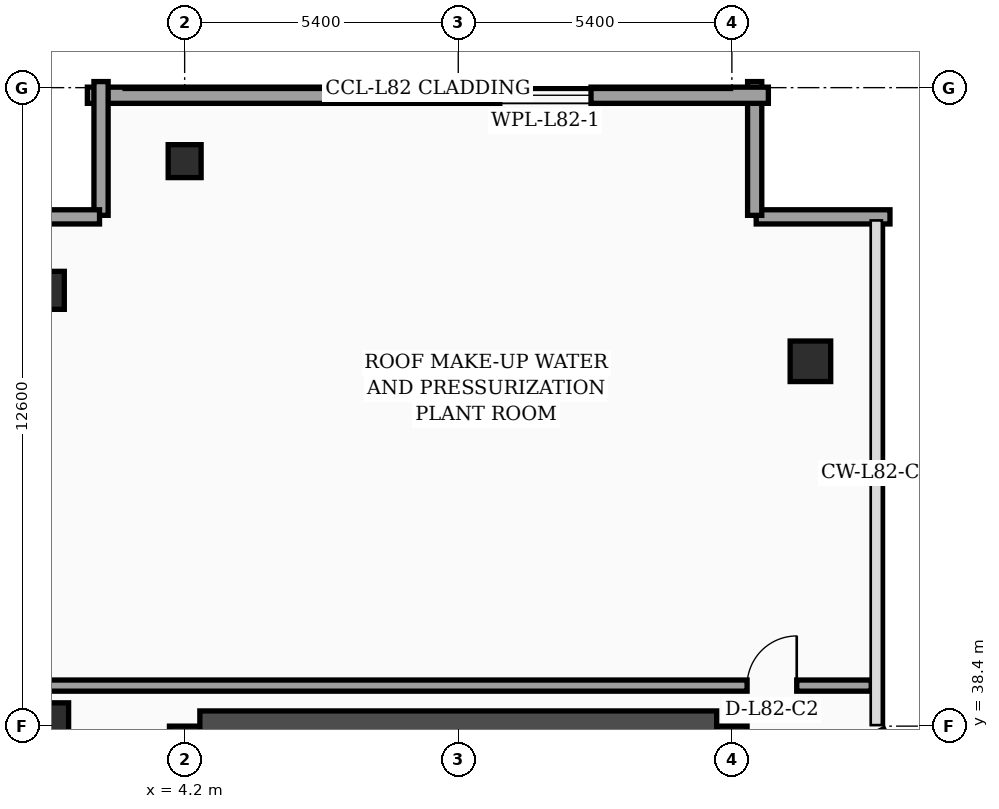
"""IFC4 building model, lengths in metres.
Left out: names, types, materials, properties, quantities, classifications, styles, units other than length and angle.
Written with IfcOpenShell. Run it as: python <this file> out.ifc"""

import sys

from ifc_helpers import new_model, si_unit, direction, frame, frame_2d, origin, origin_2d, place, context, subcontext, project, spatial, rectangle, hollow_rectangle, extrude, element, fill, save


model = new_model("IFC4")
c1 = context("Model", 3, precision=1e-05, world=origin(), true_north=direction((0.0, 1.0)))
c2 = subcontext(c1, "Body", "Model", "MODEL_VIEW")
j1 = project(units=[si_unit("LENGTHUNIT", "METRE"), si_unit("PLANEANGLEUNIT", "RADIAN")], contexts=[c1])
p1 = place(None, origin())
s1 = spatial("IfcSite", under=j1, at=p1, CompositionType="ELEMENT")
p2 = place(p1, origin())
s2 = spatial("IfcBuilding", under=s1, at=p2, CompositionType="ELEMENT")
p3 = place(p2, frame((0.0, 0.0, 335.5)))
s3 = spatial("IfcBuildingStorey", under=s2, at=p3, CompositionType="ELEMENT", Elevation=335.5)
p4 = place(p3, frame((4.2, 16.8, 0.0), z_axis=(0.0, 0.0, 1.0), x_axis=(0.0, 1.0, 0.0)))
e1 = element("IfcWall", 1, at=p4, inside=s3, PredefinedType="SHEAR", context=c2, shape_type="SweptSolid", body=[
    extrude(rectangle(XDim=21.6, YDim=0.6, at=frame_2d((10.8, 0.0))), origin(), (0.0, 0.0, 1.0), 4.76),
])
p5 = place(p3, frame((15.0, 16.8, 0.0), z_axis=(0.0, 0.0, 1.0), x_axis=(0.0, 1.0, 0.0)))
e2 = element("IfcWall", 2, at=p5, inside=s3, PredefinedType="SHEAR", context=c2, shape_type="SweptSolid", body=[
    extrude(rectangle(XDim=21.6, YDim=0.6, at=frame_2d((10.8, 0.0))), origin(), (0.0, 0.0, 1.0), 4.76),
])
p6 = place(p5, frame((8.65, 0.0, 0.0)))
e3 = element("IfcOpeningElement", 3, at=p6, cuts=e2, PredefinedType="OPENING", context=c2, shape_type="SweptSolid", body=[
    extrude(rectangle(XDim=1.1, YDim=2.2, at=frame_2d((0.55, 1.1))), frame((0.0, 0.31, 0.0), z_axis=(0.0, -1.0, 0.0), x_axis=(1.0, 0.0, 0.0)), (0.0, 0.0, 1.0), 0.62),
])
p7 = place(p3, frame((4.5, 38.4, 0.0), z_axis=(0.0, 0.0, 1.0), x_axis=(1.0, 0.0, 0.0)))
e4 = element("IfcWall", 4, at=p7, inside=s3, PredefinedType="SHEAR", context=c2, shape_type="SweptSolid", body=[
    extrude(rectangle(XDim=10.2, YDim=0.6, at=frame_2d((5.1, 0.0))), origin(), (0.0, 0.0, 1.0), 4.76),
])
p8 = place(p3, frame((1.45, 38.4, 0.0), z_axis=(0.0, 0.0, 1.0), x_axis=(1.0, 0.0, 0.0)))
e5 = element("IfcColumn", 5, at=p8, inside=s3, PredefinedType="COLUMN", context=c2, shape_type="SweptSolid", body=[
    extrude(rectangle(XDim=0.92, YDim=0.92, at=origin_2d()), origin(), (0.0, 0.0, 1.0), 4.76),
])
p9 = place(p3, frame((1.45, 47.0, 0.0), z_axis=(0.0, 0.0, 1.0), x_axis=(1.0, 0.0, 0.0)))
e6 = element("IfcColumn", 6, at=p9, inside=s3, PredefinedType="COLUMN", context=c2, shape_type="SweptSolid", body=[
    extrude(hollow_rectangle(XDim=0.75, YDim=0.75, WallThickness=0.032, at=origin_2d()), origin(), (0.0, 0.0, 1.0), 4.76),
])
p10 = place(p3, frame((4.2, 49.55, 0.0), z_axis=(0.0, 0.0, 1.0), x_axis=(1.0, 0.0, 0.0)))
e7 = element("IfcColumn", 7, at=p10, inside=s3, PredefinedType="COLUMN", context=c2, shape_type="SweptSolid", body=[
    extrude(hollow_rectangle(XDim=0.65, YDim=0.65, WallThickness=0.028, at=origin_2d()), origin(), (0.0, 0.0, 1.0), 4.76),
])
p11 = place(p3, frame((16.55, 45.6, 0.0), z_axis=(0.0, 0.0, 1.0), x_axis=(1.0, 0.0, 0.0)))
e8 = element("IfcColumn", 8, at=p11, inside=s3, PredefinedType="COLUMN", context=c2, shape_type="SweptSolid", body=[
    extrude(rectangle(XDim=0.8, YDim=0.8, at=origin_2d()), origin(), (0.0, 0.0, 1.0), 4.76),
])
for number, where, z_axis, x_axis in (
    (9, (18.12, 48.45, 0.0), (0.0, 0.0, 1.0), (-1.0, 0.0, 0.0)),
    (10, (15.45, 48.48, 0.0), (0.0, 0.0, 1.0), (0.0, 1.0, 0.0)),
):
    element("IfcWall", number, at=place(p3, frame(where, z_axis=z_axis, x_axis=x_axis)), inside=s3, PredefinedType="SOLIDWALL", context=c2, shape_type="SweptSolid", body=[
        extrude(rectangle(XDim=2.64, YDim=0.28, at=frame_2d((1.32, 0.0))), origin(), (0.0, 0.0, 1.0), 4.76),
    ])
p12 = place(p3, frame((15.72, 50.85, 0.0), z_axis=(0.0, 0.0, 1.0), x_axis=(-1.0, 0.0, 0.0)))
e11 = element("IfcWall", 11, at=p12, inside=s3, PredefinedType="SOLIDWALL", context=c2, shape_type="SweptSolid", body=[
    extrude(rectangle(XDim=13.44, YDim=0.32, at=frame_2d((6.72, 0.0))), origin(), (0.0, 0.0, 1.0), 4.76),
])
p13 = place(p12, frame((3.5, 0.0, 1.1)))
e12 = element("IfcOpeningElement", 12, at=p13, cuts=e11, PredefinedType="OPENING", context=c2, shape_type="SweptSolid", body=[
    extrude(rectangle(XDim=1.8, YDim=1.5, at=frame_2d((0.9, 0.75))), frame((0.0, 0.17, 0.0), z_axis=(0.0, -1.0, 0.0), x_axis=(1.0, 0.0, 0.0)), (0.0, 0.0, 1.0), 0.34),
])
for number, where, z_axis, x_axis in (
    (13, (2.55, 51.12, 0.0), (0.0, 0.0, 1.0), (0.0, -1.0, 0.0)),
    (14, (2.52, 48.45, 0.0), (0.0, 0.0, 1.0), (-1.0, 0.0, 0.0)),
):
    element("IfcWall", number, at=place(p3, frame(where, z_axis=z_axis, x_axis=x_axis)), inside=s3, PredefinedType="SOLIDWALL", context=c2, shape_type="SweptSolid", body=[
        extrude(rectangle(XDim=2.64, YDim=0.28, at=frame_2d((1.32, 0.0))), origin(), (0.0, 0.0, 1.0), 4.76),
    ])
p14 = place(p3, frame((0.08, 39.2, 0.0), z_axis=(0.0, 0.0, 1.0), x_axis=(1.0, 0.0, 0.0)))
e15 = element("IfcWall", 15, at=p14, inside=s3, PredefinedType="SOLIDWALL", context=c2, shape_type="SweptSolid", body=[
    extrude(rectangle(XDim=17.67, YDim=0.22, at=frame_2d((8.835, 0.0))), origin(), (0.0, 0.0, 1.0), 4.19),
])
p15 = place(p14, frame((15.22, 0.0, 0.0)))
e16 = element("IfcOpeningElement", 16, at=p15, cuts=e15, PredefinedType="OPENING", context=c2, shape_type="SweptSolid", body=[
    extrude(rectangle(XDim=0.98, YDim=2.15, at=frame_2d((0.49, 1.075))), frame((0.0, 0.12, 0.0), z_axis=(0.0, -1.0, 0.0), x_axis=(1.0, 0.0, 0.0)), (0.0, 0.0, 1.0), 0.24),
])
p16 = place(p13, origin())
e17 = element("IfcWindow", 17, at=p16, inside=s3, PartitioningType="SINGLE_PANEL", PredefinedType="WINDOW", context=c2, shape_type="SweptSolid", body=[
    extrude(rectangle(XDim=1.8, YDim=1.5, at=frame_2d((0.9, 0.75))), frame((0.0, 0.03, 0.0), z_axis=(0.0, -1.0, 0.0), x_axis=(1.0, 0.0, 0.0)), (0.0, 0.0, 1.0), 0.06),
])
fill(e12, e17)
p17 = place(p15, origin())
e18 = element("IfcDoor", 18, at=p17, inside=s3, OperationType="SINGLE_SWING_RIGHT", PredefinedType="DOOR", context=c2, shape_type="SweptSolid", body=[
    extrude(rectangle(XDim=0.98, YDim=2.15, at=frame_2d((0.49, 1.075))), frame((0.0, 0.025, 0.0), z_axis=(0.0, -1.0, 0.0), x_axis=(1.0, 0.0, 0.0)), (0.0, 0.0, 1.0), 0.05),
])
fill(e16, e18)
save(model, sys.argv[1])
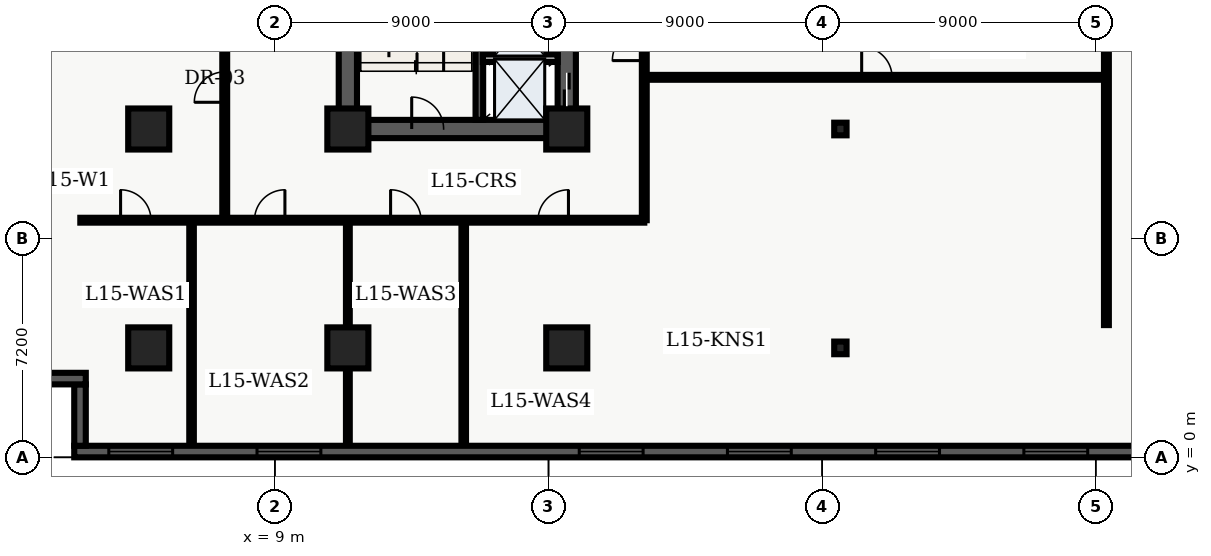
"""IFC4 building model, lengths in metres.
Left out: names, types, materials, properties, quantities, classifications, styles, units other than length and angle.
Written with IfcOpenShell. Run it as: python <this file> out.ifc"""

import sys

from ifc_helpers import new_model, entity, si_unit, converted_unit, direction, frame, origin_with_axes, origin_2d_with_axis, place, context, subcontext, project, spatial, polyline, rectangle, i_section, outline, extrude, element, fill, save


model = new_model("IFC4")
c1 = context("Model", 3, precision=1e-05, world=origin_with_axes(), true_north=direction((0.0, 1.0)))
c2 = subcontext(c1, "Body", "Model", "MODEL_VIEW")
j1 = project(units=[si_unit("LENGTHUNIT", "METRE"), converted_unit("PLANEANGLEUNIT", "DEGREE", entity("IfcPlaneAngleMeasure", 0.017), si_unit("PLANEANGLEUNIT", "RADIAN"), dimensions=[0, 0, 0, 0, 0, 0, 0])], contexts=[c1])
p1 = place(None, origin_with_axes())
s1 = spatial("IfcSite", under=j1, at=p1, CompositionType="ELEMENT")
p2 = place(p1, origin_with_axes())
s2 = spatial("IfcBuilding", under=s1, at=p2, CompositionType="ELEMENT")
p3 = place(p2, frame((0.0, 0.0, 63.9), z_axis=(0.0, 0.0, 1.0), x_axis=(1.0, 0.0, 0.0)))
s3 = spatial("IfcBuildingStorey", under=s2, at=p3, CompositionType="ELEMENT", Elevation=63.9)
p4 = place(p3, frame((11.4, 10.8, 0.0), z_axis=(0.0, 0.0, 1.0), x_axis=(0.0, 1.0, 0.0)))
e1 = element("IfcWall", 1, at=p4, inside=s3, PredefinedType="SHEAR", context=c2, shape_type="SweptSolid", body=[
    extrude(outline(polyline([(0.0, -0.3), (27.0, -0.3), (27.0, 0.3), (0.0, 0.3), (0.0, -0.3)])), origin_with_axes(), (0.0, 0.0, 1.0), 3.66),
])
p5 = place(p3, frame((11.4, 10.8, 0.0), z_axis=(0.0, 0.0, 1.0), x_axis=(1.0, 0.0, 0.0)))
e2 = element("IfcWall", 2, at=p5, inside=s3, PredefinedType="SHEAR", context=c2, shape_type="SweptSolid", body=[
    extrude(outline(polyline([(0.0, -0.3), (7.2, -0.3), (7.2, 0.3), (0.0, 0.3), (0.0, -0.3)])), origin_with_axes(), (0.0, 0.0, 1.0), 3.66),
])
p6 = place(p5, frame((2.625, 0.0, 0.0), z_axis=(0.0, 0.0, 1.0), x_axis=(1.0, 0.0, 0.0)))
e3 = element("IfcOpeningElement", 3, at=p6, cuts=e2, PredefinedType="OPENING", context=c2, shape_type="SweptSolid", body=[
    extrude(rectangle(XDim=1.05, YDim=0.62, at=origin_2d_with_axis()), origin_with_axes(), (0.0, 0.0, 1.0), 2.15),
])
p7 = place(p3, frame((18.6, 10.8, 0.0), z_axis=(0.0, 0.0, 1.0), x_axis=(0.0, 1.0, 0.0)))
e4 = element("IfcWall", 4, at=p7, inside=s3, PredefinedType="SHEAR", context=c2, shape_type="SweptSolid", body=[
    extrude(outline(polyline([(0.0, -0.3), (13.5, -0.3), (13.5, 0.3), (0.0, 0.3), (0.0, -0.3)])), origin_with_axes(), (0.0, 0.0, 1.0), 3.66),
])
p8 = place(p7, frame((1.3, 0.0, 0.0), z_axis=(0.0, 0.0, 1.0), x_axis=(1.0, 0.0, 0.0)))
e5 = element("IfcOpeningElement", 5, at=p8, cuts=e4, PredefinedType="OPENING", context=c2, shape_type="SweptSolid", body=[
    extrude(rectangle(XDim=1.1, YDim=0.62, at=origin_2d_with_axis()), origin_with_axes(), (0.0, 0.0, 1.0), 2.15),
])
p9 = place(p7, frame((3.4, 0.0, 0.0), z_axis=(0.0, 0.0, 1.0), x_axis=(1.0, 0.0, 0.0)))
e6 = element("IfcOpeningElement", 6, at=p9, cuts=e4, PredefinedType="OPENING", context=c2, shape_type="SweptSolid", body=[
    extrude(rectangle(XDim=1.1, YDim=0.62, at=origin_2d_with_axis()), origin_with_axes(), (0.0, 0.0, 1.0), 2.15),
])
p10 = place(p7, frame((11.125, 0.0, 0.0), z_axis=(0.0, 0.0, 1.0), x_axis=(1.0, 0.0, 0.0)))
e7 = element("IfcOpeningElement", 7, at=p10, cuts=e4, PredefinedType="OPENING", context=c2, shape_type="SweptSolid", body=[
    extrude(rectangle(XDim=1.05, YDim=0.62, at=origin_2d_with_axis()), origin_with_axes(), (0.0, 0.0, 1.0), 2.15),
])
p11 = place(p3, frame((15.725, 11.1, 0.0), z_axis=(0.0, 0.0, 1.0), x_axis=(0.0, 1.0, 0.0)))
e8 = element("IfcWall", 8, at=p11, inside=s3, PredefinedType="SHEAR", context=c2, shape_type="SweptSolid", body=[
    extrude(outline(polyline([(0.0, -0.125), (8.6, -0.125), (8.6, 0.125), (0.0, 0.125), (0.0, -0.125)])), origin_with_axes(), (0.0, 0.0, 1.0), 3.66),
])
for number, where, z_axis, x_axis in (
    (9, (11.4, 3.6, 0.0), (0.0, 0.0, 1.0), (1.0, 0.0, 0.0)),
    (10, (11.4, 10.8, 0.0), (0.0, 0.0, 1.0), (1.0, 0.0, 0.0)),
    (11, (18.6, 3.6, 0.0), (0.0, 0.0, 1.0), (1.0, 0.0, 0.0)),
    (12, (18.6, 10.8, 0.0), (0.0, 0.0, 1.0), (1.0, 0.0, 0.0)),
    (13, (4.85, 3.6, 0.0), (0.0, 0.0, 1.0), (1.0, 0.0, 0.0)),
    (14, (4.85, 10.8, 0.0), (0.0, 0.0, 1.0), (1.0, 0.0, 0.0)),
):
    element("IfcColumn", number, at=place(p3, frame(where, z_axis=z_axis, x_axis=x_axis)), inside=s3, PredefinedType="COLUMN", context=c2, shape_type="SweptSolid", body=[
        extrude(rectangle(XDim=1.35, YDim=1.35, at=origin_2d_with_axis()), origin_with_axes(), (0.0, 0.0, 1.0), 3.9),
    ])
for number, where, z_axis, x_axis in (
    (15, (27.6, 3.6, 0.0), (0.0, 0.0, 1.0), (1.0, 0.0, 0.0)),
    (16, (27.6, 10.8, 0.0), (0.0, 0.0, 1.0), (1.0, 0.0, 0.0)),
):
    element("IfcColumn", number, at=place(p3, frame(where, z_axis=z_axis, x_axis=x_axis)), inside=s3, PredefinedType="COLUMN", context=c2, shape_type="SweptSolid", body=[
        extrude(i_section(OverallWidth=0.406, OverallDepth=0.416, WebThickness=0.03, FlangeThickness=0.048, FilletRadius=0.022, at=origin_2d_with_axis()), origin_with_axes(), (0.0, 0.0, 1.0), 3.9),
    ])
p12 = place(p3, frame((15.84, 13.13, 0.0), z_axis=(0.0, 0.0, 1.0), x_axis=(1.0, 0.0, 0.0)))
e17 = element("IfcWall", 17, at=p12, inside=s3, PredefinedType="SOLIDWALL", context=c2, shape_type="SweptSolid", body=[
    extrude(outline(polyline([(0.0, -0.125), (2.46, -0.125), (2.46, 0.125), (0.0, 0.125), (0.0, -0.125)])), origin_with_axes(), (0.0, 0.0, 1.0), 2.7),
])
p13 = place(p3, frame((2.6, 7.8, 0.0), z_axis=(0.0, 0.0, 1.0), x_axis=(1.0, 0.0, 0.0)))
-- -- --
● WORK INSTRUCTIONS
Everything above from the line with "hollow_rectangle, extrude, element, fill, save" to the line with "p1 = place(None, origin())", both included, must be repeated exactly, and nothing outside that range.

● FINISHED TASK
from ifc_helpers import new_model, si_unit, direction, frame, frame_2d, origin, origin_2d, place, context, subcontext, project, spatial, rectangle, hollow_rectangle, extrude, element, fill, save


model = new_model("IFC4")
c1 = context("Model", 3, precision=1e-05, world=origin(), true_north=direction((0.0, 1.0)))
c2 = subcontext(c1, "Body", "Model", "MODEL_VIEW")
j1 = project(units=[si_unit("LENGTHUNIT", "METRE"), si_unit("PLANEANGLEUNIT", "RADIAN")], contexts=[c1])
p1 = place(None, origin())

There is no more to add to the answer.